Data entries

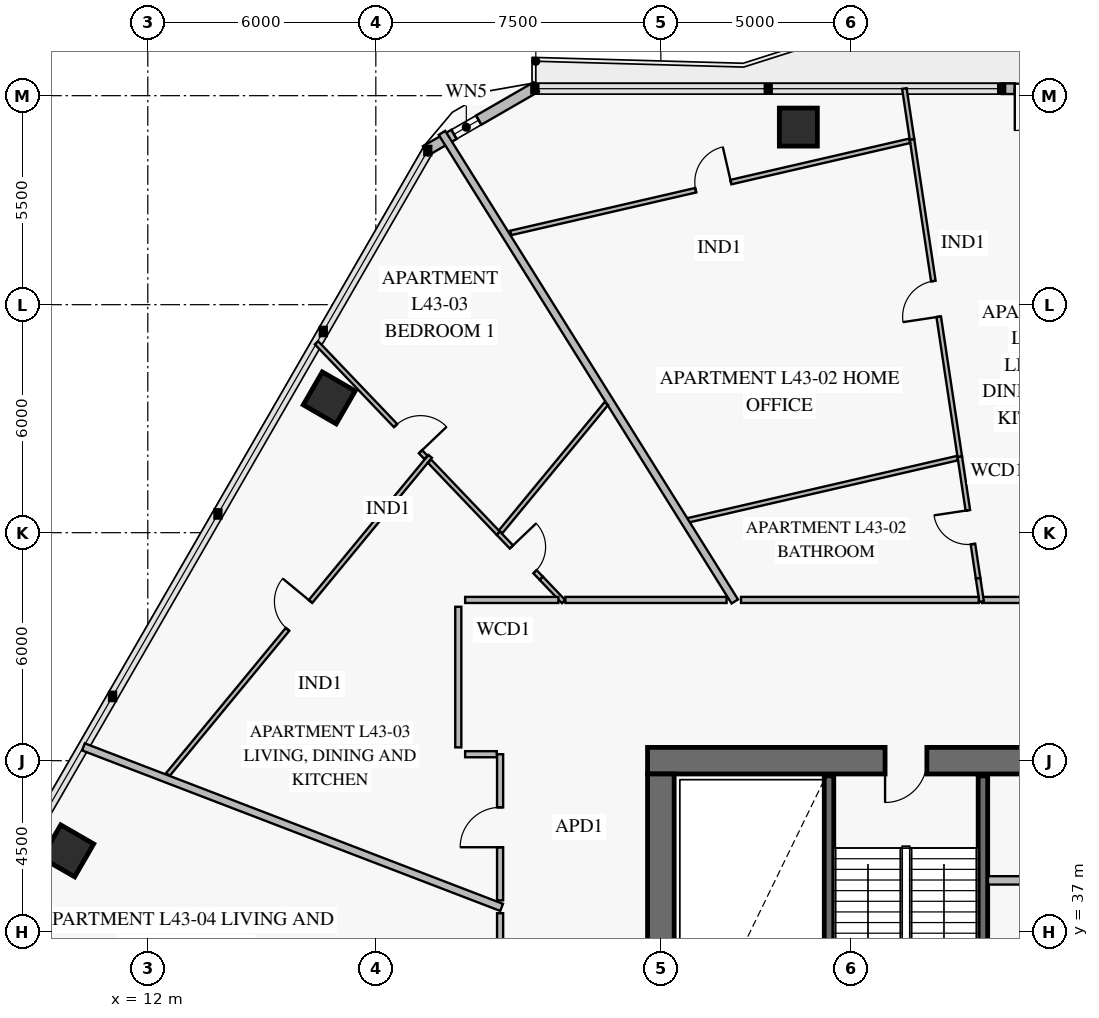
"""IFC4 building model, lengths in metres.
Left out: names, types, materials, properties, quantities, classifications, styles, units other than length and angle.
Written with IfcOpenShell. Run it as: python <this file> out.ifc"""

import sys

from ifc_helpers import new_model, si_unit, direction, frame, frame_2d, origin, origin_2d, place, context, subcontext, project, spatial, rectangle, extrude, element, fill, save


model = new_model("IFC4")
c1 = context("Model", 3, precision=1e-05, world=origin(), true_north=direction((0.0, 1.0)))
c2 = subcontext(c1, "Body", "Model", "MODEL_VIEW")
j1 = project(units=[si_unit("LENGTHUNIT", "METRE"), si_unit("PLANEANGLEUNIT", "RADIAN")], contexts=[c1])
p1 = place(None, origin())
s1 = spatial("IfcSite", under=j1, at=p1, CompositionType="ELEMENT")
p2 = place(p1, origin())
s2 = spatial("IfcBuilding", under=s1, at=p2, CompositionType="ELEMENT")
p3 = place(p2, frame((0.0, 0.0, 173.2)))
s3 = spatial("IfcBuildingStorey", under=s2, at=p3, CompositionType="ELEMENT", Elevation=173.2)
p4 = place(p3, frame((36.75, 41.5, 0.0), z_axis=(0.0, 0.0, 1.0), x_axis=(-1.0, 0.0, 0.0)))
e1 = element("IfcWall", 1, at=p4, inside=s3, PredefinedType="SHEAR", context=c2, shape_type="SweptSolid", body=[
    extrude(rectangle(XDim=11.6, YDim=0.7, at=frame_2d((5.8, 0.0))), origin(), (0.0, 0.0, 1.0), 3.8),
])
p5 = place(p4, frame((4.25, 0.0, 0.0)))
e2 = element("IfcOpeningElement", 2, at=p5, cuts=e1, PredefinedType="OPENING", context=c2, shape_type="SweptSolid", body=[
    extrude(rectangle(XDim=1.1, YDim=2.15, at=frame_2d((0.55, 1.075))), frame((0.0, 0.362, 0.0), z_axis=(0.0, -1.0, 0.0), x_axis=(1.0, 0.0, 0.0)), (0.0, 0.0, 1.0), 0.724),
])
p6 = place(p3, frame((25.5, 22.85, 0.0), z_axis=(0.0, 0.0, 1.0), x_axis=(0.0, 1.0, 0.0)))
e3 = element("IfcWall", 3, at=p6, inside=s3, PredefinedType="SHEAR", context=c2, shape_type="SweptSolid", body=[
    extrude(rectangle(XDim=18.3, YDim=0.7, at=frame_2d((9.15, 0.0))), origin(), (0.0, 0.0, 1.0), 3.8),
])
p7 = place(p6, frame((8.9, 0.0, 0.0)))
e4 = element("IfcOpeningElement", 4, at=p7, cuts=e3, PredefinedType="OPENING", context=c2, shape_type="SweptSolid", body=[
    extrude(rectangle(XDim=1.1, YDim=2.15, at=frame_2d((0.55, 1.075))), frame((0.0, 0.362, 0.0), z_axis=(0.0, -1.0, 0.0), x_axis=(1.0, 0.0, 0.0)), (0.0, 0.0, 1.0), 0.724),
])
for number, where, z_axis, x_axis in (
    (5, (29.118, 58.173, 0.0), (0.0, 0.0, 1.0), (-1.0, 0.0, 0.0)),
    (6, (16.774, 51.047, 0.0), (0.0, 0.0, 1.0), (-0.5, -0.866, 0.0)),
    (7, (9.892, 39.126, 0.0), (0.0, 0.0, 1.0), (-0.5, -0.866, 0.0)),
):
    element("IfcColumn", number, at=place(p3, frame(where, z_axis=z_axis, x_axis=x_axis)), inside=s3, PredefinedType="COLUMN", context=c2, shape_type="SweptSolid", body=[
        extrude(rectangle(XDim=1.0, YDim=1.0, at=origin_2d()), origin(), (0.0, 0.0, 1.0), 3.55),
    ])
p8 = place(p3, frame((19.307, 57.548, 0.0), z_axis=(0.0, 0.0, 1.0), x_axis=(0.866020068361, 0.500009241111, 0.0)))
e8 = element("IfcWall", 8, at=p8, inside=s3, PredefinedType="SOLIDWALL", context=c2, shape_type="SweptSolid", body=[
    extrude(rectangle(XDim=3.365, YDim=0.28, at=frame_2d((1.683, 0.0))), origin(), (0.0, 0.0, 1.0), 3.55),
])
p9 = place(p8, frame((0.866, 0.0, 0.85)))
e9 = element("IfcOpeningElement", 9, at=p9, cuts=e8, PredefinedType="OPENING", context=c2, shape_type="SweptSolid", body=[
    extrude(rectangle(XDim=0.75, YDim=1.5, at=frame_2d((0.375, 0.75))), frame((0.0, 0.152, 0.0), z_axis=(0.0, -1.0, 0.0), x_axis=(1.0, 0.0, 0.0)), (0.0, 0.0, 1.0), 0.304),
])
p10 = place(p3, frame((34.468, 59.183, 0.0), z_axis=(0.0, 0.0, 1.0), x_axis=(1.0, 0.0, 0.0)))
e10 = element("IfcWall", 10, at=p10, inside=s3, PredefinedType="SOLIDWALL", context=c2, shape_type="SweptSolid", body=[
    extrude(rectangle(XDim=1.79, YDim=0.28, at=frame_2d((0.895, 0.0))), origin(), (0.0, 0.0, 1.0), 3.55),
])
p11 = place(p10, frame((0.345, 0.0, 0.0)))
e11 = element("IfcOpeningElement", 11, at=p11, cuts=e10, PredefinedType="OPENING", context=c2, shape_type="SweptSolid", body=[
    extrude(rectangle(XDim=1.1, YDim=2.2, at=frame_2d((0.55, 1.1))), frame((0.0, 0.152, 0.0), z_axis=(0.0, -1.0, 0.0), x_axis=(1.0, 0.0, 0.0)), (0.0, 0.0, 1.0), 0.304),
])
for number, where, z_axis, x_axis in (
    (12, (29.925, 31.4, 0.0), (0.0, 0.0, 1.0), (0.0, 1.0, 0.0)),
    (13, (33.975, 31.4, 0.0), (0.0, 0.0, 1.0), (0.0, 1.0, 0.0)),
):
    element("IfcWall", number, at=place(p3, frame(where, z_axis=z_axis, x_axis=x_axis)), inside=s3, PredefinedType="SOLIDWALL", context=c2, shape_type="SweptSolid", body=[
        extrude(rectangle(XDim=9.7, YDim=0.25, at=frame_2d((4.85, 0.0))), origin(), (0.0, 0.0, 1.0), 3.8),
    ])
p12 = place(p3, frame((33.848, 46.3, 0.0), z_axis=(0.0, 0.0, 1.0), x_axis=(-0.148934116093, 0.988847121179, 0.0)))
e14 = element("IfcWall", 14, at=p12, inside=s3, PredefinedType="PARTITIONING", context=c2, shape_type="SweptSolid", body=[
    extrude(rectangle(XDim=3.238, YDim=0.12, at=frame_2d((1.619, 0.0))), origin(), (0.0, 0.0, 1.0), 3.55),
])
p13 = place(p12, frame((0.91, 0.0, 0.0)))
e15 = element("IfcOpeningElement", 15, at=p13, cuts=e14, PredefinedType="OPENING", context=c2, shape_type="SweptSolid", body=[
    extrude(rectangle(XDim=0.9, YDim=2.1, at=frame_2d((0.45, 1.05))), frame((0.0, 0.072, 0.0), z_axis=(0.0, -1.0, 0.0), x_axis=(1.0, 0.0, 0.0)), (0.0, 0.0, 1.0), 0.144),
])
p14 = place(p3, frame((33.365, 49.501, 0.0), z_axis=(0.0, 0.0, 1.0), x_axis=(-0.148816904755, 0.988864767731, 0.0)))
e16 = element("IfcWall", 16, at=p14, inside=s3, PredefinedType="PARTITIONING", context=c2, shape_type="SweptSolid", body=[
    extrude(rectangle(XDim=8.444, YDim=0.12, at=frame_2d((4.222, 0.0))), origin(), (0.0, 0.0, 1.0), 3.15),
])
p15 = place(p14, frame((3.722, 0.0, 0.0)))
e17 = element("IfcOpeningElement", 17, at=p15, cuts=e16, PredefinedType="OPENING", context=c2, shape_type="SweptSolid", body=[
    extrude(rectangle(XDim=0.95, YDim=2.1, at=frame_2d((0.475, 1.05))), frame((0.0, 0.072, 0.0), z_axis=(0.0, -1.0, 0.0), x_axis=(1.0, 0.0, 0.0)), (0.0, 0.0, 1.0), 0.144),
])
p16 = place(p3, frame((32.046, 57.811, 0.0), z_axis=(0.0, 0.0, 1.0), x_axis=(-0.974371328586, -0.22494558015, 0.0)))
e18 = element("IfcWall", 18, at=p16, inside=s3, PredefinedType="PARTITIONING", context=c2, shape_type="SweptSolid", body=[
    extrude(rectangle(XDim=10.772, YDim=0.12, at=frame_2d((5.386, 0.0))), origin(), (0.0, 0.0, 1.0), 2.87),
])
p17 = place(p16, frame((4.826, 0.0, 0.0)))
e19 = element("IfcOpeningElement", 19, at=p17, cuts=e18, PredefinedType="OPENING", context=c2, shape_type="SweptSolid", body=[
    extrude(rectangle(XDim=0.95, YDim=2.1, at=frame_2d((0.475, 1.05))), frame((0.0, 0.072, 0.0), z_axis=(0.0, -1.0, 0.0), x_axis=(1.0, 0.0, 0.0)), (0.0, 0.0, 1.0), 0.144),
])
p18 = place(p3, frame((37.302, 45.73, 0.0), z_axis=(0.0, 0.0, 1.0), x_axis=(-1.0, 0.0, 0.0)))
e20 = element("IfcWall", 20, at=p18, inside=s3, PredefinedType="PARTITIONING", context=c2, shape_type="SweptSolid", body=[
    extrude(rectangle(XDim=3.348, YDim=0.16, at=frame_2d((1.674, 0.0))), origin(), (0.0, 0.0, 1.0), 3.55),
])
p19 = place(p18, frame((1.149, 0.0, 0.0)))
e21 = element("IfcOpeningElement", 21, at=p19, cuts=e20, PredefinedType="OPENING", context=c2, shape_type="SweptSolid", body=[
    extrude(rectangle(XDim=1.05, YDim=2.15, at=frame_2d((0.525, 1.075))), frame((0.0, 0.092, 0.0), z_axis=(0.0, -1.0, 0.0), x_axis=(1.0, 0.0, 0.0)), (0.0, 0.0, 1.0), 0.184),
])
p20 = place(p3, frame((19.43, 49.509, 0.0), z_axis=(0.0, 0.0, 1.0), x_axis=(-0.636077930037, -0.771624822643, 0.0)))
e22 = element("IfcWall", 22, at=p20, inside=s3, PredefinedType="PARTITIONING", context=c2, shape_type="SweptSolid", body=[
    extrude(rectangle(XDim=10.848, YDim=0.12, at=frame_2d((5.424, 0.0))), origin(), (0.0, 0.0, 1.0), 2.9),
])
p21 = place(p20, frame((4.949, 0.0, 0.0)))
e23 = element("IfcOpeningElement", 23, at=p21, cuts=e22, PredefinedType="OPENING", context=c2, shape_type="SweptSolid", body=[
    extrude(rectangle(XDim=0.95, YDim=2.1, at=frame_2d((0.475, 1.05))), frame((0.0, 0.072, 0.0), z_axis=(0.0, -1.0, 0.0), x_axis=(1.0, 0.0, 0.0)), (0.0, 0.0, 1.0), 0.144),
])
p22 = place(p3, frame((22.354, 46.3, 0.0), z_axis=(0.0, 0.0, 1.0), x_axis=(-0.690394331583, 0.723433249801, 0.0)))
e24 = element("IfcWall", 24, at=p22, inside=s3, PredefinedType="PARTITIONING", context=c2, shape_type="SweptSolid", body=[
    extrude(rectangle(XDim=1.64, YDim=0.12, at=frame_2d((0.82, 0.0))), origin(), (0.0, 0.0, 1.0), 3.55),
])
p23 = place(p22, frame((0.239, 0.0, 0.0)))
e25 = element("IfcOpeningElement", 25, at=p23, cuts=e24, PredefinedType="OPENING", context=c2, shape_type="SweptSolid", body=[
    extrude(rectangle(XDim=0.9, YDim=2.1, at=frame_2d((0.45, 1.05))), frame((0.0, 0.072, 0.0), z_axis=(0.0, -1.0, 0.0), x_axis=(1.0, 0.0, 0.0)), (0.0, 0.0, 1.0), 0.144),
])
p24 = place(p3, frame((21.221, 47.487, 0.0), z_axis=(0.0, 0.0, 1.0), x_axis=(-0.690367102985, 0.723459233901, 0.0)))
e26 = element("IfcWall", 26, at=p24, inside=s3, PredefinedType="PARTITIONING", context=c2, shape_type="SweptSolid", body=[
    extrude(rectangle(XDim=2.619, YDim=0.12, at=frame_2d((1.31, 0.0))), origin(), (0.0, 0.0, 1.0), 3.55),
])
p25 = place(p3, frame((19.319, 49.481, 0.0), z_axis=(0.0, 0.0, 1.0), x_axis=(-0.690401934282, 0.723425994238, 0.0)))
e27 = element("IfcWall", 27, at=p25, inside=s3, PredefinedType="PARTITIONING", context=c2, shape_type="SweptSolid", body=[
    extrude(rectangle(XDim=4.169, YDim=0.12, at=frame_2d((2.085, 0.0))), origin(), (0.0, 0.0, 1.0), 2.87),
])
p26 = place(p25, frame((0.207, 0.0, 0.0)))
e28 = element("IfcOpeningElement", 28, at=p26, cuts=e27, PredefinedType="OPENING", context=c2, shape_type="SweptSolid", body=[
    extrude(rectangle(XDim=0.95, YDim=2.1, at=frame_2d((0.475, 1.05))), frame((0.0, 0.072, 0.0), z_axis=(0.0, -1.0, 0.0), x_axis=(1.0, 0.0, 0.0)), (0.0, 0.0, 1.0), 0.144),
])
p27 = place(p3, frame((21.27, 41.67, 0.0), z_axis=(0.0, 0.0, 1.0), x_axis=(0.0, -1.0, 0.0)))
e29 = element("IfcWall", 29, at=p27, inside=s3, PredefinedType="PARTITIONING", context=c2, shape_type="SweptSolid", body=[
    extrude(rectangle(XDim=3.846, YDim=0.16, at=frame_2d((1.923, 0.0))), origin(), (0.0, 0.0, 1.0), 3.55),
])
p28 = place(p27, frame((1.398, 0.0, 0.0)))
e30 = element("IfcOpeningElement", 30, at=p28, cuts=e29, PredefinedType="OPENING", context=c2, shape_type="SweptSolid", body=[
    extrude(rectangle(XDim=1.05, YDim=2.15, at=frame_2d((0.525, 1.075))), frame((0.0, 0.092, 0.0), z_axis=(0.0, -1.0, 0.0), x_axis=(1.0, 0.0, 0.0)), (0.0, 0.0, 1.0), 0.184),
])
p29 = place(p3, frame((21.27, 37.486, 0.0), z_axis=(0.0, 0.0, 1.0), x_axis=(0.0, -1.0, 0.0)))
e31 = element("IfcWall", 31, at=p29, inside=s3, PredefinedType="PARTITIONING", context=c2, shape_type="SweptSolid", body=[
    extrude(rectangle(XDim=3.348, YDim=0.16, at=frame_2d((1.674, 0.0))), origin(), (0.0, 0.0, 1.0), 2.9),
])
p30 = place(p29, frame((1.149, 0.0, 0.0)))
e32 = element("IfcOpeningElement", 32, at=p30, cuts=e31, PredefinedType="OPENING", context=c2, shape_type="SweptSolid", body=[
    extrude(rectangle(XDim=1.05, YDim=2.15, at=frame_2d((0.525, 1.075))), frame((0.0, 0.092, 0.0), z_axis=(0.0, -1.0, 0.0), x_axis=(1.0, 0.0, 0.0)), (0.0, 0.0, 1.0), 0.184),
])
p31 = place(p3, frame((34.108, 38.35, 0.0), z_axis=(0.0, 0.0, 1.0), x_axis=(1.0, 0.0, 0.0)))
e33 = element("IfcWall", 33, at=p31, inside=s3, PredefinedType="PARTITIONING", context=c2, shape_type="SweptSolid", body=[
    extrude(rectangle(XDim=2.084, YDim=0.22, at=frame_2d((1.042, 0.0))), origin(), (0.0, 0.0, 1.0), 3.55),
])
p32 = place(p3, frame((33.94, 45.685, 0.0), z_axis=(0.0, 0.0, 1.0), x_axis=(-0.148839731884, 0.988861332146, 0.0)))
e34 = element("IfcWall", 34, at=p32, inside=s3, PredefinedType="PARTITIONING", context=c2, shape_type="SweptSolid", body=[
    extrude(rectangle(XDim=0.622, YDim=0.12, at=frame_2d((0.311, 0.0))), origin(), (0.0, 0.0, 1.0), 3.55),
])
p33 = place(p3, frame((32.109, 57.851, 0.0), z_axis=(0.0, 0.0, 1.0), x_axis=(-0.148826194804, 0.988863369602, 0.0)))
e35 = element("IfcWall", 35, at=p33, inside=s3, PredefinedType="PARTITIONING", context=c2, shape_type="SweptSolid", body=[
    extrude(rectangle(XDim=1.352, YDim=0.12, at=frame_2d((0.676, 0.0))), origin(), (0.0, 0.0, 1.0), 2.87),
])
p34 = place(p3, frame((33.303, 49.461, 0.0), z_axis=(0.0, 0.0, 1.0), x_axis=(-0.97437372251, -0.224935210409, 0.0)))
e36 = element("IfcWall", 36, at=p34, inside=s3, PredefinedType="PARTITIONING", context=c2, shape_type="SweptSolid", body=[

• Exercise prompt:
Lines holding the string "units" must be copied out of the entries above.

• Exercise response:
Left out: names, types, materials, properties, quantities, classifications, styles, units other than length and angle.
j1 = project(units=[si_unit("LENGTHUNIT", "METRE"), si_unit("PLANEANGLEUNIT", "RADIAN")], contexts=[c1])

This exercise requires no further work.